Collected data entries
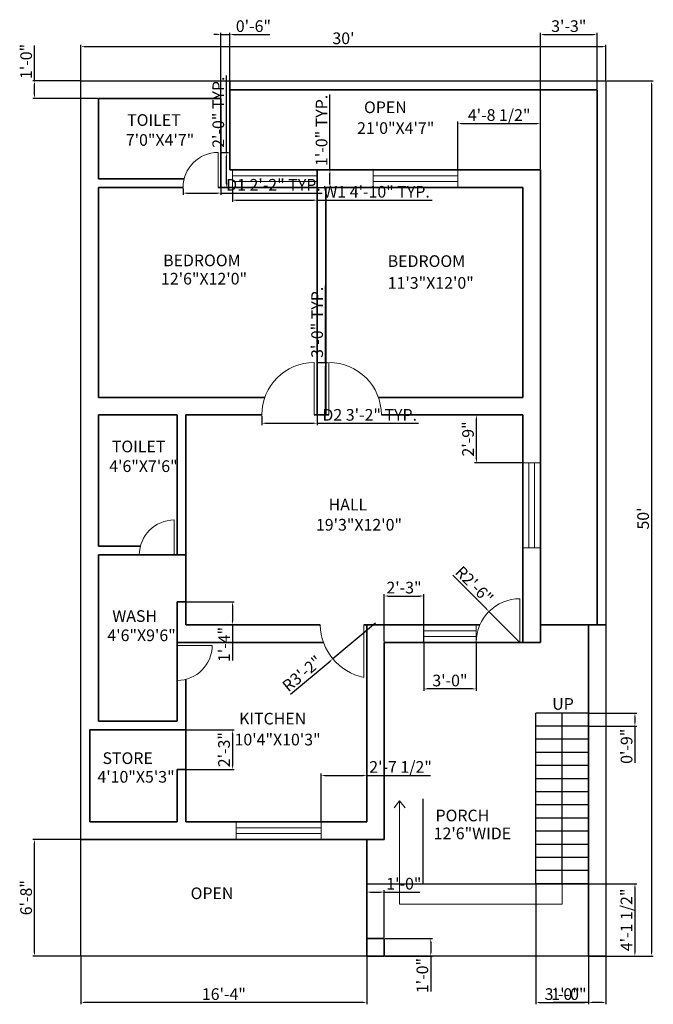
# Model space of a CAD drawing. Units: inches. Extents: x 2514 to 2949, y 1604 to 2279.
import ezdxf

# ---------------------------------------------------------------- set-up
doc = ezdxf.new("R2010")
doc.units = ezdxf.units.IN
for name, color, linetype, lineweight in [('A-ANNO-DIMS', 7, 'Continuous', 18), ('A-ANNO-SYMB', 121, 'Continuous', 18), ('A-ANNO-TEXT', 231, 'Continuous', 18), ('A-AREA-IDEN', 231, 'Continuous', 18), ('A-COLS', 121, 'Continuous', 35), ('A-DOOR', 2, 'Continuous', 18), ('A-FLOR-STRS', 121, 'Continuous', 25), ('A-GLAZ', 40, 'Continuous', 18), ('A-WALL', 121, 'Continuous', 35), ('C-PROP', 121, 'Continuous', 25)]:
    doc.layers.add(name, color=color, linetype=linetype, lineweight=lineweight)
doc.styles.get("Standard").update_dxf_attribs({"font": 'arial.ttf'})
doc.dimstyles.new('ISO-25', dxfattribs={"dimtxt": 8, "dimasz": 2.5, "dimexe": 1.25, "dimexo": 0.625, "dimtad": 1, "dimdec": 0, "dimlunit": 3, "dimtxsty": 'Standard', "dimcen": 2.5, "dimadec": 0, "dimazin": 0, "dimtfac": 1, "dimtdec": 0, "dimtmove": 0, "dimatfit": 3, "dimfxl": 1, "dimarcsym": 0})

# ---------------------------------------------------------------- blocks, each defined once
blk = doc.blocks.new('*D1')
at = {"layer": 'A-ANNO-DIMS', "color": 0, "lineweight": -2, "transparency": 16777216}
for p, q in [((2556.32, 2237.43), (2556.32, 2261.58)), ((2558.82, 2260.33), (2913.82, 2260.33)), ((2916.32, 2237.43), (2916.32, 2261.58))]:
    blk.add_line(p, q, dxfattribs=at)
at = {"layer": 'A-ANNO-DIMS', "color": 0, "transparency": 16777216}
for points in [[(2558.82, 2260.74), (2558.82, 2259.91), (2556.32, 2260.33)], [(2913.82, 2260.74), (2913.82, 2259.91), (2916.32, 2260.33)]]:
    blk.add_solid(points, dxfattribs=at)
at = {"layer": 'Defpoints', "color": 0, "transparency": 16777216}
for p in [(2916.32, 2260.33), (2556.32, 2236.8), (2916.32, 2236.8)]:
    blk.add_point(p, dxfattribs=at)
at = {"layer": 'A-ANNO-DIMS', "color": 0, "transparency": 16777216, "insert": (2736.32, 2265.04), "char_height": 8, "attachment_point": 5}
blk.add_mtext("30'", dxfattribs=at)
blk = doc.blocks.new('*D2')
at = {"layer": 'A-ANNO-DIMS', "color": 0, "lineweight": -2, "transparency": 16777216}
for p, q in [((2916.94, 2236.8), (2948.78, 2236.8)), ((2947.53, 2234.3), (2947.53, 1639.3)), ((2916.94, 1636.8), (2948.78, 1636.8))]:
    blk.add_line(p, q, dxfattribs=at)
at = {"layer": 'A-ANNO-DIMS', "color": 0, "transparency": 16777216}
for points in [[(2947.11, 2234.3), (2947.95, 2234.3), (2947.53, 2236.8)], [(2947.11, 1639.3), (2947.95, 1639.3), (2947.53, 1636.8)]]:
    blk.add_solid(points, dxfattribs=at)
at = {"layer": 'Defpoints', "color": 0, "transparency": 16777216}
for p in [(2916.32, 2236.8), (2916.32, 1636.8), (2947.53, 1636.8)]:
    blk.add_point(p, dxfattribs=at)
at = {"layer": 'A-ANNO-DIMS', "color": 0, "transparency": 16777216, "insert": (2942.82, 1936.8), "char_height": 8, "attachment_point": 5, "rotation": 90}
blk.add_mtext("50'", dxfattribs=at)
blk = doc.blocks.new('DOOR-SWING-24IN')
for p, q in [((0, 0), (0, 24)), ((2, 0), (0, 0))]:
    blk.add_line(p, q)
blk.add_arc((0, 0), 24, 90, 180)
blk = doc.blocks.new('DOOR-SWING-36IN')
for p, q in [((0, 0), (0, 36)), ((2, 0), (0, 0))]:
    blk.add_line(p, q)
blk.add_arc((0, 0), 36, 90, 180)
blk = doc.blocks.new('WIN-WIDE-12IN-WALL')
for p, q in [((0, 12), (0, 0)), ((0, 8), (58.18, 8)), ((58.18, 0), (58.18, 12)), ((0, 4), (58.18, 4))]:
    blk.add_line(p, q)
blk = doc.blocks.new('STAIR-TREAD-36IN')
for p, q in [((18, 0), (0, 0)), ((36, 0), (18, 0))]:
    blk.add_line(p, q)
blk = doc.blocks.new('*D7')
at = {"layer": 'A-ANNO-DIMS', "color": 0, "lineweight": -2, "transparency": 16777216}
for p, q in [((2660.14, 2163.18), (2660.14, 2153.83)), ((2718.32, 2163.18), (2718.32, 2153.83)), ((2662.64, 2155.08), (2715.82, 2155.08)), ((2718.32, 2155.08), (2797.24, 2155.08))]:
    blk.add_line(p, q, dxfattribs=at)
at = {"layer": 'A-ANNO-DIMS', "color": 0, "transparency": 16777216}
for points in [[(2662.64, 2155.49), (2662.64, 2154.66), (2660.14, 2155.08)], [(2715.82, 2155.49), (2715.82, 2154.66), (2718.32, 2155.08)]]:
    blk.add_solid(points, dxfattribs=at)
at = {"layer": 'Defpoints', "color": 0, "transparency": 16777216}
for p in [(2660.14, 2163.8), (2718.32, 2163.8), (2718.32, 2155.08)]:
    blk.add_point(p, dxfattribs=at)
at = {"layer": 'A-ANNO-DIMS', "color": 0, "transparency": 16777216, "insert": (2759.03, 2159.79), "char_height": 8, "attachment_point": 5}
blk.add_mtext('W1 4\'-10" TYP.', dxfattribs=at)
blk = doc.blocks.new('*D8')
at = {"layer": 'A-ANNO-DIMS', "color": 0, "lineweight": -2, "transparency": 16777216}
for p, q in [((2727.04, 2175.8), (2727.04, 2227.56)), ((2718.94, 2175.8), (2728.29, 2175.8)), ((2727.04, 2166.3), (2727.04, 2173.3)), ((2718.94, 2163.8), (2728.29, 2163.8))]:
    blk.add_line(p, q, dxfattribs=at)
at = {"layer": 'A-ANNO-DIMS', "color": 0, "transparency": 16777216}
for points in [[(2726.62, 2173.3), (2727.46, 2173.3), (2727.04, 2175.8)], [(2726.62, 2166.3), (2727.46, 2166.3), (2727.04, 2163.8)]]:
    blk.add_solid(points, dxfattribs=at)
at = {"layer": 'Defpoints', "color": 0, "transparency": 16777216}
for p in [(2718.32, 2175.8), (2727.04, 2175.8), (2718.32, 2163.8)]:
    blk.add_point(p, dxfattribs=at)
at = {"layer": 'A-ANNO-DIMS', "color": 0, "transparency": 16777216, "insert": (2722.33, 2202.93), "char_height": 8, "attachment_point": 5, "rotation": 90}
blk.add_mtext('1\'-0" TYP.', dxfattribs=at)
blk = doc.blocks.new('*D9')
at = {"layer": 'A-ANNO-DIMS', "color": 0, "lineweight": -2, "transparency": 16777216}
for p, q in [((2626.32, 2163.18), (2626.32, 2158.65)), ((2652.32, 2163.18), (2652.32, 2158.65)), ((2628.82, 2159.9), (2649.82, 2159.9)), ((2652.32, 2159.9), (2721.82, 2159.9))]:
    blk.add_line(p, q, dxfattribs=at)
at = {"layer": 'A-ANNO-DIMS', "color": 0, "transparency": 16777216}
for points in [[(2628.82, 2160.32), (2628.82, 2159.49), (2626.32, 2159.9)], [(2649.82, 2160.32), (2649.82, 2159.49), (2652.32, 2159.9)]]:
    blk.add_solid(points, dxfattribs=at)
at = {"layer": 'Defpoints', "color": 0, "transparency": 16777216}
for p in [(2626.32, 2163.8), (2652.32, 2163.8), (2652.32, 2159.9)]:
    blk.add_point(p, dxfattribs=at)
at = {"layer": 'A-ANNO-DIMS', "color": 0, "transparency": 16777216, "insert": (2688.32, 2164.55), "char_height": 8, "attachment_point": 5}
blk.add_mtext('D1 2\'-2" TYP.', dxfattribs=at)
blk = doc.blocks.new('*D10')
at = {"layer": 'A-ANNO-DIMS', "color": 0, "lineweight": -2, "transparency": 16777216}
for p, q in [((2656.22, 2187.8), (2656.22, 2240.45)), ((2652.94, 2187.8), (2657.47, 2187.8)), ((2656.22, 2166.3), (2656.22, 2185.3)), ((2652.94, 2163.8), (2657.47, 2163.8))]:
    blk.add_line(p, q, dxfattribs=at)
at = {"layer": 'A-ANNO-DIMS', "color": 0, "transparency": 16777216}
for points in [[(2655.8, 2185.3), (2656.63, 2185.3), (2656.22, 2187.8)], [(2655.8, 2166.3), (2656.63, 2166.3), (2656.22, 2163.8)]]:
    blk.add_solid(points, dxfattribs=at)
at = {"layer": 'Defpoints', "color": 0, "transparency": 16777216}
for p in [(2652.32, 2187.8), (2656.22, 2187.8), (2652.32, 2163.8)]:
    blk.add_point(p, dxfattribs=at)
at = {"layer": 'A-ANNO-DIMS', "color": 0, "transparency": 16777216, "insert": (2651.51, 2215.38), "char_height": 8, "attachment_point": 5, "rotation": 90}
blk.add_mtext('2\'-0" TYP.', dxfattribs=at)
blk = doc.blocks.new('*D11')
at = {"layer": 'A-ANNO-DIMS', "color": 0, "lineweight": -2, "transparency": 16777216}
for p, q in [((2680.32, 2007.18), (2680.32, 2000.85)), ((2718.32, 2007.18), (2718.32, 2000.85)), ((2682.82, 2002.1), (2715.82, 2002.1)), ((2718.32, 2002.1), (2787.82, 2002.1))]:
    blk.add_line(p, q, dxfattribs=at)
at = {"layer": 'A-ANNO-DIMS', "color": 0, "transparency": 16777216}
for points in [[(2682.82, 2002.52), (2682.82, 2001.69), (2680.32, 2002.1)], [(2715.82, 2002.52), (2715.82, 2001.69), (2718.32, 2002.1)]]:
    blk.add_solid(points, dxfattribs=at)
at = {"layer": 'Defpoints', "color": 0, "transparency": 16777216}
for p in [(2680.32, 2007.8), (2718.32, 2007.8), (2718.32, 2002.1)]:
    blk.add_point(p, dxfattribs=at)
at = {"layer": 'A-ANNO-DIMS', "color": 0, "transparency": 16777216, "insert": (2754.32, 2006.82), "char_height": 8, "attachment_point": 5}
blk.add_mtext('D2 3\'-2" TYP.', dxfattribs=at)
blk = doc.blocks.new('*D12')
at = {"layer": 'A-ANNO-DIMS', "color": 0, "lineweight": -2, "transparency": 16777216}
for p, q in [((2724.02, 2043.8), (2724.02, 2096.31)), ((2718.94, 2043.8), (2725.27, 2043.8)), ((2724.02, 2010.3), (2724.02, 2041.3)), ((2718.94, 2007.8), (2725.27, 2007.8))]:
    blk.add_line(p, q, dxfattribs=at)
at = {"layer": 'A-ANNO-DIMS', "color": 0, "transparency": 16777216}
for points in [[(2723.6, 2041.3), (2724.43, 2041.3), (2724.02, 2043.8)], [(2723.6, 2010.3), (2724.43, 2010.3), (2724.02, 2007.8)]]:
    blk.add_solid(points, dxfattribs=at)
at = {"layer": 'Defpoints', "color": 0, "transparency": 16777216}
for p in [(2718.32, 2043.8), (2724.02, 2043.8), (2718.32, 2007.8)]:
    blk.add_point(p, dxfattribs=at)
at = {"layer": 'A-ANNO-DIMS', "color": 0, "transparency": 16777216, "insert": (2719.3, 2071.31), "char_height": 8, "attachment_point": 5, "rotation": 90}
blk.add_mtext('3\'-0" TYP.', dxfattribs=at)
blk = doc.blocks.new('*D13')
at = {"layer": 'A-ANNO-DIMS', "color": 0, "lineweight": -2, "transparency": 16777216}
for p, q in [((2524.47, 2236.8), (2524.47, 2261.07)), ((2555.69, 2236.8), (2523.22, 2236.8)), ((2524.47, 2227.3), (2524.47, 2234.3)), ((2567.69, 2224.8), (2523.22, 2224.8))]:
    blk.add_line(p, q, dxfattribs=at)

Your objective: The required result is the entries above, printed exactly from the first line through the line with "doc.units = ezdxf.units.IN", pictures excluded.

Exercise response:
# Model space of a CAD drawing. Units: inches. Extents: x 2514 to 2949, y 1604 to 2279.
import ezdxf

# ---------------------------------------------------------------- set-up
doc = ezdxf.new("R2010")
doc.units = ezdxf.units.IN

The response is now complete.